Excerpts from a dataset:
◇ ◇ ◇ ◇ ◇ ◇ ◇

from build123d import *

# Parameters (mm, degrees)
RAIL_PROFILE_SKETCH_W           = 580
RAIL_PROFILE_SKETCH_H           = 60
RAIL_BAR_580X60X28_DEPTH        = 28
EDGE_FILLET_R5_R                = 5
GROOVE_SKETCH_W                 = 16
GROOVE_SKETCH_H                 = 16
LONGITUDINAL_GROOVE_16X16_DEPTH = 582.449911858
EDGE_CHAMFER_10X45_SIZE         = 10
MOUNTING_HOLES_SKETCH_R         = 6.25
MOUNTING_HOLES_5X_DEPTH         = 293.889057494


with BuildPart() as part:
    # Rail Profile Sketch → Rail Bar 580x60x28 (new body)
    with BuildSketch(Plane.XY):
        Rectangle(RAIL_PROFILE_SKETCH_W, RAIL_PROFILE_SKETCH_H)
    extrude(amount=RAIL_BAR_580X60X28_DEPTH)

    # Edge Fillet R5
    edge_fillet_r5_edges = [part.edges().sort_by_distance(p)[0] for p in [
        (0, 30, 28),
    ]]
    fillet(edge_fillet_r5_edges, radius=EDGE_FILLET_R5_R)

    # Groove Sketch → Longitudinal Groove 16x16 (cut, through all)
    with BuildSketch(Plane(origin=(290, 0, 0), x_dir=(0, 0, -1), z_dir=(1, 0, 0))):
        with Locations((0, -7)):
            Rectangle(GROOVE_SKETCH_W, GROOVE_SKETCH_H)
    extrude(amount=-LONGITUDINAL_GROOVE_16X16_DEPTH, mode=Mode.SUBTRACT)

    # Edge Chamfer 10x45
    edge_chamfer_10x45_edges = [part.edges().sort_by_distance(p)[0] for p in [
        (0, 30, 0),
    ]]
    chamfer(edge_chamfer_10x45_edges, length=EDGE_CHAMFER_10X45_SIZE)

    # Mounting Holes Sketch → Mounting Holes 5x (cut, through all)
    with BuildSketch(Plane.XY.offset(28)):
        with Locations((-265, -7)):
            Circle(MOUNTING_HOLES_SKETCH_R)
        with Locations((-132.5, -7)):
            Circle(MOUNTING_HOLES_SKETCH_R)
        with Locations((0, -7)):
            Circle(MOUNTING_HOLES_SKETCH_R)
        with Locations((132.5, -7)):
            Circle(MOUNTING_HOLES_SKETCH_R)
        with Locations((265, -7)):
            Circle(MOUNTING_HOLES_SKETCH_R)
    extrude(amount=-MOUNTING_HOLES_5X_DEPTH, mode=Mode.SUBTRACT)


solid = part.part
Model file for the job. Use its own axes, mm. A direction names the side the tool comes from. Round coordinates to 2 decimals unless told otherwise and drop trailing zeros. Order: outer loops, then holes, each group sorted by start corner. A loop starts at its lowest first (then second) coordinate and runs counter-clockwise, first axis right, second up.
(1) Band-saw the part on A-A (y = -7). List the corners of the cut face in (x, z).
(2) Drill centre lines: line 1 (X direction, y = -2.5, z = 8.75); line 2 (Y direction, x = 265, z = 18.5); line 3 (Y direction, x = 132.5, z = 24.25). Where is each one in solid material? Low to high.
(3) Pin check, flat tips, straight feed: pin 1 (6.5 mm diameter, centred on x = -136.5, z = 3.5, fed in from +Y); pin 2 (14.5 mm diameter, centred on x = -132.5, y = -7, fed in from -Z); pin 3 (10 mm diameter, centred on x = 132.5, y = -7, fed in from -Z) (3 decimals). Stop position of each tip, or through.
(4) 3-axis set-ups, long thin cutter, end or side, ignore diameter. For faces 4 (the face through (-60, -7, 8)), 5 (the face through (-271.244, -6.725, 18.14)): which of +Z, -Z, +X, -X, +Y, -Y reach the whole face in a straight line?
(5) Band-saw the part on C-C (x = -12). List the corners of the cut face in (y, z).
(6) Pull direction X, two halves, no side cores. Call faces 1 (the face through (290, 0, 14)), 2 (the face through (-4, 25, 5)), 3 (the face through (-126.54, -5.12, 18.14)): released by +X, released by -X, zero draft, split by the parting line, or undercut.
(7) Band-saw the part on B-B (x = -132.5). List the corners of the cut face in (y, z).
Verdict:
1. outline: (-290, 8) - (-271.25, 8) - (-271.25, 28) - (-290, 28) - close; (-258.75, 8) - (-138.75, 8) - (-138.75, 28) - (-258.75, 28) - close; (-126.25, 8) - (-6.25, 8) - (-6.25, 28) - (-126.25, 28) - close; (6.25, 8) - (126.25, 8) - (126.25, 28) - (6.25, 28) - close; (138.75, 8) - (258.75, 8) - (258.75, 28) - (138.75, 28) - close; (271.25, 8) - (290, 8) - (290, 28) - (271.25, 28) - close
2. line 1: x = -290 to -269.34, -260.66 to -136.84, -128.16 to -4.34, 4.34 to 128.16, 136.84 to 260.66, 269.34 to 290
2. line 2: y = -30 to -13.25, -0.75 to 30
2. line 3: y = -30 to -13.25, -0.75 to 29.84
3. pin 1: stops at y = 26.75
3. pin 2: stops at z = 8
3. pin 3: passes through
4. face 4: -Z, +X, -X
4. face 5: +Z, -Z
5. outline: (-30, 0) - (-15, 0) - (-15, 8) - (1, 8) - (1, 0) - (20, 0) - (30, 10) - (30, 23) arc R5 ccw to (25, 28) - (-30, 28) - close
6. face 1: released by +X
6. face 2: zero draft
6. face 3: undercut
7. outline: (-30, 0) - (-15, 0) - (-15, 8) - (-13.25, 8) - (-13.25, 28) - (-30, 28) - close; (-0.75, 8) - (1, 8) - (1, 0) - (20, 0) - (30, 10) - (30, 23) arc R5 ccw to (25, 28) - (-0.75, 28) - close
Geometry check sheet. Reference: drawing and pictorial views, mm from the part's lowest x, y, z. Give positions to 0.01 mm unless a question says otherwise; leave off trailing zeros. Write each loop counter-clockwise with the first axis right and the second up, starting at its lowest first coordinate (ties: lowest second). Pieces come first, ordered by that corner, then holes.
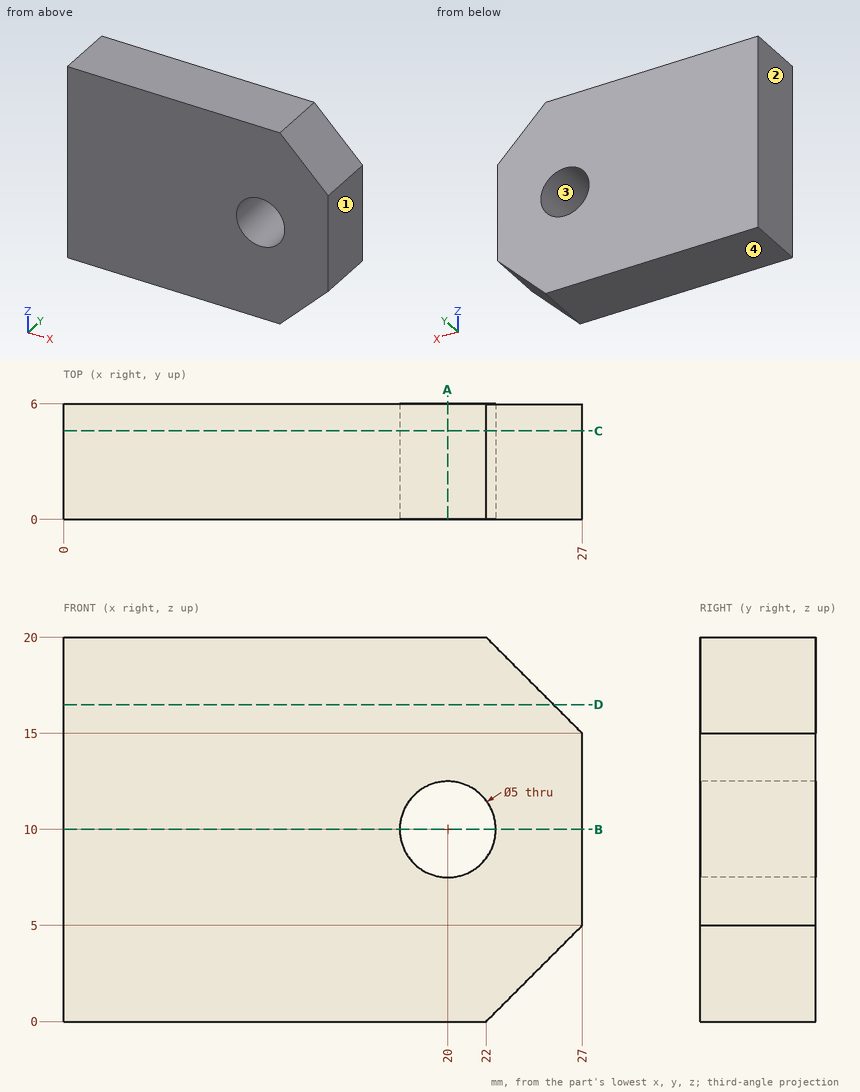
Item 1: Scan lines: line 1 along X through (y, z) = (3.15, 10); line 2 along Z through (x, y) = (20, 1.75); line 3 along Z through (x, y) = (20.5, 4.35). Record each from-to range of solid material in increasing order.
Answer key:
line 1: x = 0 to 17.5, 22.5 to 27
line 2: z = 0 to 7.5, 12.5 to 20
line 3: z = 0 to 7.55, 12.45 to 20
Item 2: Sectioned sample at C-C on y = 4.6. Record the cut outline in (x, z).
Answer key:
outline: (0, 0) - (22, 0) - (27, 5) - (27, 15) - (22, 20) - (0, 20) - close; hole circle Ø5 at (20, 10)
Item 3: Sectioned sample at A-A on x = 20. Record the cut outline in (y, z).
Answer key:
outline: (0, 0) - (6, 0) - (6, 7.5) - (0, 7.5) - close; (0, 12.5) - (6, 12.5) - (6, 20) - (0, 20) - close
Item 4: Sectioned sample at B-B on z = 10. Record the cut outline in (x, y).
Answer key:
outline: (0, 0) - (17.5, 0) - (17.5, 6) - (0, 6) - close; (22.5, 0) - (27, 0) - (27, 6) - (22.5, 6) - close
Item 5: Release check for a two-part mould opening along X. For the marked faces 1, 2, 3 and 4 record: released by +X, released by -X, zero draft, split by the parting line, or undercut.
Answer key:
face 1: released by +X
face 2: released by -X
face 3: undercut
face 4: zero draft
Item 6: Sectioned sample at D-D on z = 16.5. Record the cut outline in (x, y).
Answer key:
outline: (0, 0) - (25.5, 0) - (25.5, 6) - (0, 6) - close
Item 7: Depth check by flat-ended pin: pin 1 (3 mm diameter, centred on x = 20, z = 10, fed in from -Y). Enter the tip coordinate at first touch or a pass-through.
Answer key:
pin 1: passes through

◇ ◇ ◇ ◇ ◇ ◇ ◇

Of the lines above, extract only those from the line with "2. line 3: y = -30 to -13.25, -0.75 to 29.84" to the line with "6. face 3: undercut", both included, exactly as written.

2. line 3: y = -30 to -13.25, -0.75 to 29.84
3. pin 1: stops at y = 26.75
3. pin 2: stops at z = 8
3. pin 3: passes through
4. face 4: -Z, +X, -X
4. face 5: +Z, -Z
5. outline: (-30, 0) - (-15, 0) - (-15, 8) - (1, 8) - (1, 0) - (20, 0) - (30, 10) - (30, 23) arc R5 ccw to (25, 28) - (-30, 28) - close
6. face 1: released by +X
6. face 2: zero draft
6. face 3: undercut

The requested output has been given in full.